• [Work item] Could you repeat, word for word, only the lines from the one containing "12.295, 0.0), z_axis=(0.0, 0.0, 1.0), x_axis=(0.0, 1.0, 0.0)))" through the final line of the records below?
★ ★ ★ ★
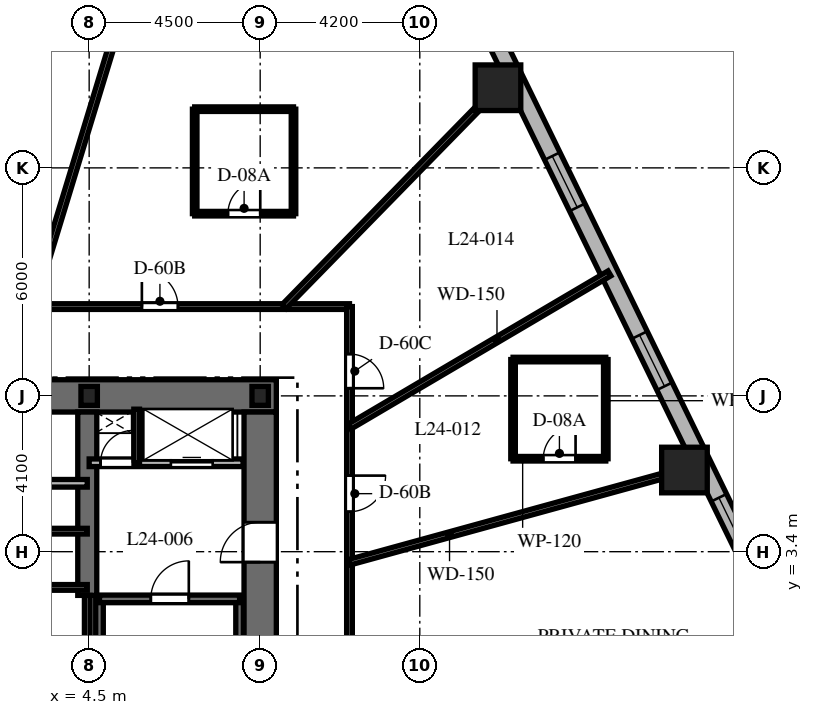
"""IFC4 building model, lengths in metres.
Left out: names, types, materials, properties, quantities, classifications, styles, units other than length and angle.
Written with IfcOpenShell. Run it as: python <this file> out.ifc"""

import sys

from ifc_helpers import new_model, si_unit, direction, frame, frame_2d, origin, origin_2d, place, context, subcontext, project, spatial, rectangle, i_section, extrude, element, fill, save


model = new_model("IFC4")
c1 = context("Model", 3, precision=1e-05, world=origin(), true_north=direction((0.0, 1.0)))
c2 = subcontext(c1, "Body", "Model", "MODEL_VIEW")
j1 = project(units=[si_unit("LENGTHUNIT", "METRE"), si_unit("PLANEANGLEUNIT", "RADIAN")], contexts=[c1])
p1 = place(None, origin())
s1 = spatial("IfcSite", under=j1, at=p1, CompositionType="ELEMENT")
p2 = place(p1, origin())
s2 = spatial("IfcBuilding", under=s1, at=p2, CompositionType="ELEMENT")
p3 = place(p2, frame((0.0, 0.0, 102.5)))
s3 = spatial("IfcBuildingStorey", under=s2, at=p3, CompositionType="ELEMENT", Elevation=102.5)
p4 = place(p3, frame((1.85, 7.5, 0.0), z_axis=(0.0, 0.0, 1.0), x_axis=(1.0, 0.0, 0.0)))
e1 = element("IfcWall", 1, at=p4, inside=s3, PredefinedType="SHEAR", context=c2, shape_type="SweptSolid", body=[
    extrude(rectangle(XDim=7.575, YDim=0.85, at=frame_2d((3.788, 0.0))), origin(), (0.0, 0.0, 1.0), 3.7),
])
p5 = place(p3, frame((9.0, -7.075, 0.0), z_axis=(0.0, 0.0, 1.0), x_axis=(0.0, 1.0, 0.0)))
e2 = element("IfcWall", 2, at=p5, inside=s3, PredefinedType="SHEAR", context=c2, shape_type="SweptSolid", body=[
    extrude(rectangle(XDim=14.15, YDim=0.85, at=frame_2d((7.075, 0.0))), origin(), (0.0, 0.0, 1.0), 3.7),
])
p6 = place(p5, frame((10.2, 0.0, 0.0)))
e3 = element("IfcOpeningElement", 3, at=p6, cuts=e2, PredefinedType="OPENING", context=c2, shape_type="SweptSolid", body=[
    extrude(rectangle(XDim=1.05, YDim=2.15, at=frame_2d((0.525, 1.075))), frame((0.0, 0.435, 0.0), z_axis=(0.0, -1.0, 0.0), x_axis=(1.0, 0.0, 0.0)), (0.0, 0.0, 1.0), 0.87),
])
p7 = place(p3, frame((4.45, 2.25, 0.0), z_axis=(0.0, 0.0, 1.0), x_axis=(0.0, 1.0, 0.0)))
e4 = element("IfcWall", 4, at=p7, inside=s3, PredefinedType="SHEAR", context=c2, shape_type="SweptSolid", body=[
    extrude(rectangle(XDim=4.825, YDim=0.5, at=frame_2d((2.413, 0.0))), origin(), (0.0, 0.0, 1.0), 3.7),
])
for number, where, z_axis, x_axis in (
    (5, (4.772, -6.985, 0.0), (0.0, 0.0, 1.0), (0.0, 1.0, 0.0)),
    (6, (8.458, -6.985, 0.0), (0.0, 0.0, 1.0), (0.0, 1.0, 0.0)),
):
    element("IfcWall", number, at=place(p3, frame(where, z_axis=z_axis, x_axis=x_axis)), inside=s3, PredefinedType="SHEAR", context=c2, shape_type="SweptSolid", body=[
        extrude(rectangle(XDim=9.143, YDim=0.2, at=frame_2d((4.572, 0.0))), origin(), (0.0, 0.0, 1.0), 3.7),
    ])
p8 = place(p3, frame((4.772, 2.158, 0.0), z_axis=(0.0, 0.0, 1.0), x_axis=(1.0, 0.0, 0.0)))
e7 = element("IfcWall", 7, at=p8, inside=s3, PredefinedType="SHEAR", context=c2, shape_type="SweptSolid", body=[
    extrude(rectangle(XDim=3.686, YDim=0.2, at=frame_2d((1.843, 0.0))), origin(), (0.0, 0.0, 1.0), 3.7),
])
p9 = place(p8, frame((1.35, 0.0, 0.0)))
e8 = element("IfcOpeningElement", 8, at=p9, cuts=e7, PredefinedType="OPENING", context=c2, shape_type="SweptSolid", body=[
    extrude(rectangle(XDim=1.0, YDim=2.15, at=frame_2d((0.5, 1.075))), frame((0.0, 0.11, 0.0), z_axis=(0.0, -1.0, 0.0), x_axis=(1.0, 0.0, 0.0)), (0.0, 0.0, 1.0), 0.22),
])
for number, where, z_axis, x_axis in (
    (9, (9.0, 7.5, 0.0), (0.0, 0.0, 1.0), (1.0, 0.0, 0.0)),
    (10, (4.5, 7.5, 0.0), (0.0, 0.0, 1.0), (1.0, 0.0, 0.0)),
):
    element("IfcColumn", number, at=place(p3, frame(where, z_axis=z_axis, x_axis=x_axis)), inside=s3, PredefinedType="COLUMN", context=c2, shape_type="SweptSolid", body=[
        extrude(i_section(OverallWidth=0.432, OverallDepth=0.498, WebThickness=0.056, FlangeThickness=0.089, at=origin_2d()), origin(), (0.0, 0.0, 1.0), 3.7),
    ])
for number, where, z_axis, x_axis in (
    (11, (20.164, 5.549, 0.0), (0.0, 0.0, 1.0), (1.0, 0.0, 0.0)),
    (12, (15.257, 15.609, 0.0), (0.0, 0.0, 1.0), (1.0, 0.0, 0.0)),
):
    element("IfcColumn", number, at=place(p3, frame(where, z_axis=z_axis, x_axis=x_axis)), inside=s3, PredefinedType="COLUMN", context=c2, shape_type="SweptSolid", body=[
        extrude(rectangle(XDim=1.2, YDim=1.2, at=origin_2d()), origin(), (0.0, 0.0, 1.0), 3.7),
    ])
p10 = place(p3, frame((22.238, 2.427, 0.0), z_axis=(0.0, 0.0, 1.0), x_axis=(-0.438374803278, 0.898792262901, 0.0)))
e13 = element("IfcWall", 13, at=p10, inside=s3, PredefinedType="SOLIDWALL", context=c2, shape_type="SweptSolid", body=[
    extrude(rectangle(XDim=18.618, YDim=0.45, at=frame_2d((9.309, 0.0))), origin(), (0.0, 0.0, 1.0), 3.4),
])
p11 = place(p10, frame((5.926, 0.0, 0.8)))
e14 = element("IfcOpeningElement", 14, at=p11, cuts=e13, PredefinedType="OPENING", context=c2, shape_type="SweptSolid", body=[
    extrude(rectangle(XDim=1.5, YDim=1.8, at=frame_2d((0.75, 0.9))), frame((0.0, 0.235, 0.0), z_axis=(0.0, -1.0, 0.0), x_axis=(1.0, 0.0, 0.0)), (0.0, 0.0, 1.0), 0.47),
])
p12 = place(p10, frame((11.165, 0.0, 0.8)))
e15 = element("IfcOpeningElement", 15, at=p12, cuts=e13, PredefinedType="OPENING", context=c2, shape_type="SweptSolid", body=[
    extrude(rectangle(XDim=1.5, YDim=1.8, at=frame_2d((0.75, 0.9))), frame((0.0, 0.235, 0.0), z_axis=(0.0, -1.0, 0.0), x_axis=(1.0, 0.0, 0.0)), (0.0, 0.0, 1.0), 0.47),
])
p13 = place(p10, frame((16.006, 0.0, 0.8)))
e16 = element("IfcOpeningElement", 16, at=p13, cuts=e13, PredefinedType="OPENING", context=c2, shape_type="SweptSolid", body=[
    extrude(rectangle(XDim=1.5, YDim=1.8, at=frame_2d((0.75, 0.9))), frame((0.0, 0.235, 0.0), z_axis=(0.0, -1.0, 0.0), x_axis=(1.0, 0.0, 0.0)), (0.0, 0.0, 1.0), 0.47),
])
p14 = place(p10, frame((1.163, 0.0, 0.8)))
e17 = element("IfcOpeningElement", 17, at=p14, cuts=e13, PredefinedType="OPENING", context=c2, shape_type="SweptSolid", body=[
    extrude(rectangle(XDim=1.5, YDim=1.8, at=frame_2d((0.75, 0.9))), frame((0.0, 0.235, 0.0), z_axis=(0.0, -1.0, 0.0), x_axis=(1.0, 0.0, 0.0)), (0.0, 0.0, 1.0), 0.47),
])
p15 = place(p3, frame((4.5, 5.74, 0.0), z_axis=(0.0, 0.0, 1.0), x_axis=(1.0, 0.0, 0.0)))
e18 = element("IfcWall", 18, at=p15, inside=s3, PredefinedType="PARTITIONING", context=c2, shape_type="SweptSolid", body=[
    extrude(rectangle(XDim=4.05, YDim=0.2, at=frame_2d((2.025, 0.0))), origin(), (0.0, 0.0, 1.0), 3.4),
])
p16 = place(p15, frame((0.3, 0.0, 0.0)))
e19 = element("IfcOpeningElement", 19, at=p16, cuts=e18, PredefinedType="OPENING", context=c2, shape_type="SweptSolid", body=[
    extrude(rectangle(XDim=0.85, YDim=2.03, at=frame_2d((0.425, 1.015))), frame((0.0, 0.11, 0.0), z_axis=(0.0, -1.0, 0.0), x_axis=(1.0, 0.0, 0.0)), (0.0, 0.0, 1.0), 0.22),
])
p17 = place(p15, frame((2.15, 0.0, 0.0)))
e20 = element("IfcOpeningElement", 20, at=p17, cuts=e18, PredefinedType="OPENING", context=c2, shape_type="SweptSolid", body=[
    extrude(rectangle(XDim=1.1, YDim=2.2, at=frame_2d((0.55, 1.1))), frame((0.0, 0.11, 0.0), z_axis=(0.0, -1.0, 0.0), x_axis=(1.0, 0.0, 0.0)), (0.0, 0.0, 1.0), 0.22),
])
p18 = place(p3, frame((5.75, 5.74, 0.0), z_axis=(0.0, 0.0, 1.0), x_axis=(0.0, 1.0, 0.0)))
e21 = element("IfcWall", 21, at=p18, inside=s3, PredefinedType="PARTITIONING", context=c2, shape_type="SweptSolid", body=[
    extrude(rectangle(XDim=1.41, YDim=0.15, at=frame_2d((0.705, 0.0))), origin(), (0.0, 0.0, 1.0), 3.4),
])
p19 = place(p3, frame((1.85, 5.2, 0.0), z_axis=(0.0, 0.0, 1.0), x_axis=(1.0, 0.0, 0.0)))
e22 = element("IfcWall", 22, at=p19, inside=s3, PredefinedType="PARTITIONING", context=c2, shape_type="SweptSolid", body=[
    extrude(rectangle(XDim=2.6, YDim=0.2, at=frame_2d((1.3, 0.0))), origin(), (0.0, 0.0, 1.0), 3.4),
])
p20 = place(p3, frame((4.45, -1.972, 0.0), z_axis=(0.0, 0.0, 1.0), x_axis=(0.0, 1.0, 0.0)))
e23 = element("IfcWall", 23, at=p20, inside=s3, PredefinedType="PARTITIONING", context=c2, shape_type="SweptSolid", body=[
    extrude(rectangle(XDim=4.222, YDim=0.15, at=frame_2d((2.111, 0.0))), origin(), (0.0, 0.0, 1.0), 3.4),
])
for number, where, z_axis, x_axis in (
    (24, (1.9, 3.94, 0.0), (0.0, 0.0, 1.0), (1.0, 0.0, 0.0)),
    (25, (1.9, 2.46, 0.0), (0.0, 0.0, 1.0), (1.0, 0.0, 0.0)),
):
    element("IfcWall", number, at=place(p3, frame(where, z_axis=z_axis, x_axis=x_axis)), inside=s3, PredefinedType="PARTITIONING", context=c2, shape_type="SweptSolid", body=[
        extrude(rectangle(XDim=2.55, YDim=0.15, at=frame_2d((1.275, 0.0))), origin(), (0.0, 0.0, 1.0), 3.4),
    ])
p21 = place(p3, frame((-11.35, 9.85, 0.0), z_axis=(0.0, 0.0, 1.0), x_axis=(1.0, 0.0, 0.0)))
e26 = element("IfcWall", 26, at=p21, inside=s3, PredefinedType="PARTITIONING", context=c2, shape_type="SweptSolid", body=[
    extrude(rectangle(XDim=22.7, YDim=0.15, at=frame_2d((11.35, 0.0))), origin(), (0.0, 0.0, 1.0), 2.84),
])
p22 = place(p21, frame((17.237, 0.0, 0.0)))
e27 = element("IfcOpeningElement", 27, at=p22, cuts=e26, PredefinedType="OPENING", context=c2, shape_type="SweptSolid", body=[
    extrude(rectangle(XDim=0.95, YDim=2.03, at=frame_2d((0.475, 1.015))), frame((0.0, 0.085, 0.0), z_axis=(0.0, -1.0, 0.0), x_axis=(1.0, 0.0, 0.0)), (0.0, 0.0, 1.0), 0.17),
])
p23 = place(p21, frame((10.45, 0.0, 0.0)))
e28 = element("IfcOpeningElement", 28, at=p23, cuts=e26, PredefinedType="OPENING", context=c2, shape_type="SweptSolid", body=[
    extrude(rectangle(XDim=0.95, YDim=2.03, at=frame_2d((0.475, 1.015))), frame((0.0, 0.085, 0.0), z_axis=(0.0, -1.0, 0.0), x_axis=(1.0, 0.0, 0.0)), (0.0, 0.0, 1.0), 0.17),
])
p24 = place(p21, frame((3.399, 0.0, 0.0)))
e29 = element("IfcOpeningElement", 29, at=p24, cuts=e26, PredefinedType="OPENING", context=c2, shape_type="SweptSolid", body=[
    extrude(rectangle(XDim=0.95, YDim=2.03, at=frame_2d((0.475, 1.015))), frame((0.0, 0.085, 0.0), z_axis=(0.0, -1.0, 0.0), x_axis=(1.0, 0.0, 0.0)), (0.0, 0.0, 1.0), 0.17),
])
p25 = place(p3, frame((11.35, 9.85, 0.0), z_axis=(0.0, 0.0, 1.0), x_axis=(0.0, -1.0, 0.0)))
e30 = element("IfcWall", 30, at=p25, inside=s3, PredefinedType="PARTITIONING", context=c2, shape_type="SweptSolid", body=[
    extrude(rectangle(XDim=19.7, YDim=0.15, at=frame_2d((9.85, 0.0))), origin(), (0.0, 0.0, 1.0), 2.84),
])
p26 = place(p25, frame((4.448, 0.0, 0.0)))
e31 = element("IfcOpeningElement", 31, at=p26, cuts=e30, PredefinedType="OPENING", context=c2, shape_type="SweptSolid", body=[
    extrude(rectangle(XDim=0.95, YDim=2.03, at=frame_2d((0.475, 1.015))), frame((0.0, 0.085, 0.0), z_axis=(0.0, -1.0, 0.0), x_axis=(1.0, 0.0, 0.0)), (0.0, 0.0, 1.0), 0.17),
])
p27 = place(p25, frame((1.249, 0.0, 0.0)))
e32 = element("IfcOpeningElement", 32, at=p27, cuts=e30, PredefinedType="OPENING", context=c2, shape_type="SweptSolid", body=[
    extrude(rectangle(XDim=0.9, YDim=2.03, at=frame_2d((0.45, 1.015))), frame((0.0, 0.085, 0.0), z_axis=(0.0, -1.0, 0.0), x_axis=(1.0, 0.0, 0.0)), (0.0, 0.0, 1.0), 0.17),
])
p28 = place(p25, frame((15.205, 0.0, 0.0)))
e33 = element("IfcOpeningElement", 33, at=p28, cuts=e30, PredefinedType="OPENING", context=c2, shape_type="SweptSolid", body=[
    extrude(rectangle(XDim=0.95, YDim=2.03, at=frame_2d((0.475, 1.015))), frame((0.0, 0.085, 0.0), z_axis=(0.0, -1.0, 0.0), x_axis=(1.0, 0.0, 0.0)), (0.0, 0.0, 1.0), 0.17),
])
p29 = place(p25, frame((8.836, 0.0, 0.0)))
e34 = element("IfcOpeningElement", 34, at=p29, cuts=e30, PredefinedType="OPENING", context=c2, shape_type="SweptSolid", body=[
    extrude(rectangle(XDim=0.95, YDim=2.03, at=frame_2d((0.475, 1.015))), frame((0.0, 0.085, 0.0), z_axis=(0.0, -1.0, 0.0), x_axis=(1.0, 0.0, 0.0)), (0.0, 0.0, 1.0), 0.17),
])
p30 = place(p3, frame((11.35, 3.123, 0.0), z_axis=(0.0, 0.0, 1.0), x_axis=(0.964151983214, 0.265350623261, 0.0)))
e35 = element("IfcWall", 35, at=p30, inside=s3, PredefinedType="PARTITIONING", context=c2, shape_type="SweptSolid", body=[
    extrude(rectangle(XDim=9.645, YDim=0.15, at=frame_2d((4.823, 0.0))), origin(), (0.0, 0.0, 1.0), 2.54),
])
p31 = place(p3, frame((11.35, 6.691, 0.0), z_axis=(0.0, 0.0, 1.0), x_axis=(0.861446954497, 0.507847560383, 0.0)))
e36 = element("IfcWall", 36, at=p31, inside=s3, PredefinedType="PARTITIONING", context=c2, shape_type="SweptSolid", body=[
    extrude(rectangle(XDim=7.941, YDim=0.15, at=frame_2d((3.97, 0.0))), origin(), (0.0, 0.0, 1.0), 2.54),
])
p32 = place(p3, frame((9.628, 9.85, 0.0), z_axis=(0.0, 0.0, 1.0), x_axis=(0.698992824326, 0.715128681805, 0.0)))
e37 = element("IfcWall", 37, at=p32, inside=s3, PredefinedType="PARTITIONING", context=c2, shape_type="SweptSolid", body=[
    extrude(rectangle(XDim=8.579, YDim=0.15, at=frame_2d((4.29, 0.0))), origin(), (0.0, 0.0, 1.0), 2.54),
])
p33 = place(p3, frame((3.0, 9.85, 0.0), z_axis=(0.0, 0.0, 1.0), x_axis=(0.291352035382, 0.95661590593, 0.0)))
e38 = element("IfcWall", 38, at=p33, inside=s3, PredefinedType="PARTITIONING", context=c2, shape_type="SweptSolid", body=[
    extrude(rectangle(XDim=11.734, YDim=0.15, at=frame_2d((5.867, 0.0))), origin(), (0.0, 0.0, 1.0), 2.54),
])
p34 = place(p3, frame((15.654, 5.846, 0.0), z_axis=(0.0, 0.0, 1.0), x_axis=(1.0, 0.0, 0.0)))
e39 = element("IfcWall", 39, at=p34, inside=s3, PredefinedType="PARTITIONING", context=c2, shape_type="SweptSolid", body=[
    extrude(rectangle(XDim=2.44, YDim=0.12, at=frame_2d((1.22, 0.0))), origin(), (0.0, 0.0, 1.0), 2.84),
])
p35 = place(p34, frame((0.795, 0.0, 0.0)))
e40 = element("IfcOpeningElement", 40, at=p35, cuts=e39, PredefinedType="OPENING", context=c2, shape_type="SweptSolid", body=[
    extrude(rectangle(XDim=0.85, YDim=2.03, at=frame_2d((0.425, 1.015))), frame((0.0, 0.07, 0.0), z_axis=(0.0, -1.0, 0.0), x_axis=(1.0, 0.0, 0.0)), (0.0, 0.0, 1.0), 0.14),
])
p36 = place(p3, frame((18.094, 5.846, 0.0), z_axis=(0.0, 0.0, 1.0), x_axis=(0.0, 1.0, 0.0)))
e41 = element("IfcWall", 41, at=p36, inside=s3, PredefinedType="PARTITIONING", context=c2, shape_type="SweptSolid", body=[
    extrude(rectangle(XDim=2.61, YDim=0.12, at=frame_2d((1.305, 0.0))), origin(), (0.0, 0.0, 1.0), 2.84),
])
p37 = place(p3, frame((18.094, 8.456, 0.0), z_axis=(0.0, 0.0, 1.0), x_axis=(-1.0, 0.0, 0.0)))
e42 = element("IfcWall", 42, at=p37, inside=s3, PredefinedType="PARTITIONING", context=c2, shape_type="SweptSolid", body=[
    extrude(rectangle(XDim=2.44, YDim=0.12, at=frame_2d((1.22, 0.0))), origin(), (0.0, 0.0, 1.0), 3.4),
])
p38 = place(p3, frame((15.654, 8.456, 0.0), z_axis=(0.0, 0.0, 1.0), x_axis=(0.0, -1.0, 0.0)))
e43 = element("IfcWall", 43, at=p38, inside=s3, PredefinedType="PARTITIONING", context=c2, shape_type="SweptSolid", body=[
    extrude(rectangle(XDim=2.61, YDim=0.12, at=frame_2d((1.305, 0.0))), origin(), (0.0, 0.0, 1.0), 2.84),
])
p39 = place(p3, frame((7.277, 12.295, 0.0), z_axis=(0.0, 0.0, 1.0), x_axis=(1.0, 0.0, 0.0)))
e44 = element("IfcWall", 44, at=p39, inside=s3, PredefinedType="PARTITIONING", context=c2, shape_type="SweptSolid", body=[
    extrude(rectangle(XDim=2.6, YDim=0.12, at=frame_2d((1.3, 0.0))), origin(), (0.0, 0.0, 1.0), 2.84),
])
p40 = place(p39, frame((0.875, 0.0, 0.0)))
e45 = element("IfcOpeningElement", 45, at=p40, cuts=e44, PredefinedType="OPENING", context=c2, shape_type="SweptSolid", body=[
    extrude(rectangle(XDim=0.85, YDim=2.03, at=frame_2d((0.425, 1.015))), frame((0.0, 0.07, 0.0), z_axis=(0.0, -1.0, 0.0), x_axis=(1.0, 0.0, 0.0)), (0.0, 0.0, 1.0), 0.14),
])
p41 = place(p3, frame((9.877, 12.295, 0.0), z_axis=(0.0, 0.0, 1.0), x_axis=(0.0, 1.0, 0.0)))
e46 = element("IfcWall", 46, at=p41, inside=s3, PredefinedType="PARTITIONING", context=c2, shape_type="SweptSolid", body=[
    extrude(rectangle(XDim=2.75, YDim=0.12, at=frame_2d((1.375, 0.0))), origin(), (0.0, 0.0, 1.0), 2.972),
])
p42 = place(p3, frame((9.877, 15.045, 0.0), z_axis=(0.0, 0.0, 1.0), x_axis=(-1.0, 0.0, 0.0)))
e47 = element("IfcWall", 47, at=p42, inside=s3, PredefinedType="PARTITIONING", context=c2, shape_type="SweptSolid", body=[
★ ★ ★ ★
• [Answer below]
p41 = place(p3, frame((9.877, 12.295, 0.0), z_axis=(0.0, 0.0, 1.0), x_axis=(0.0, 1.0, 0.0)))
e46 = element("IfcWall", 46, at=p41, inside=s3, PredefinedType="PARTITIONING", context=c2, shape_type="SweptSolid", body=[
    extrude(rectangle(XDim=2.75, YDim=0.12, at=frame_2d((1.375, 0.0))), origin(), (0.0, 0.0, 1.0), 2.972),
])
p42 = place(p3, frame((9.877, 15.045, 0.0), z_axis=(0.0, 0.0, 1.0), x_axis=(-1.0, 0.0, 0.0)))
e47 = element("IfcWall", 47, at=p42, inside=s3, PredefinedType="PARTITIONING", context=c2, shape_type="SweptSolid", body=[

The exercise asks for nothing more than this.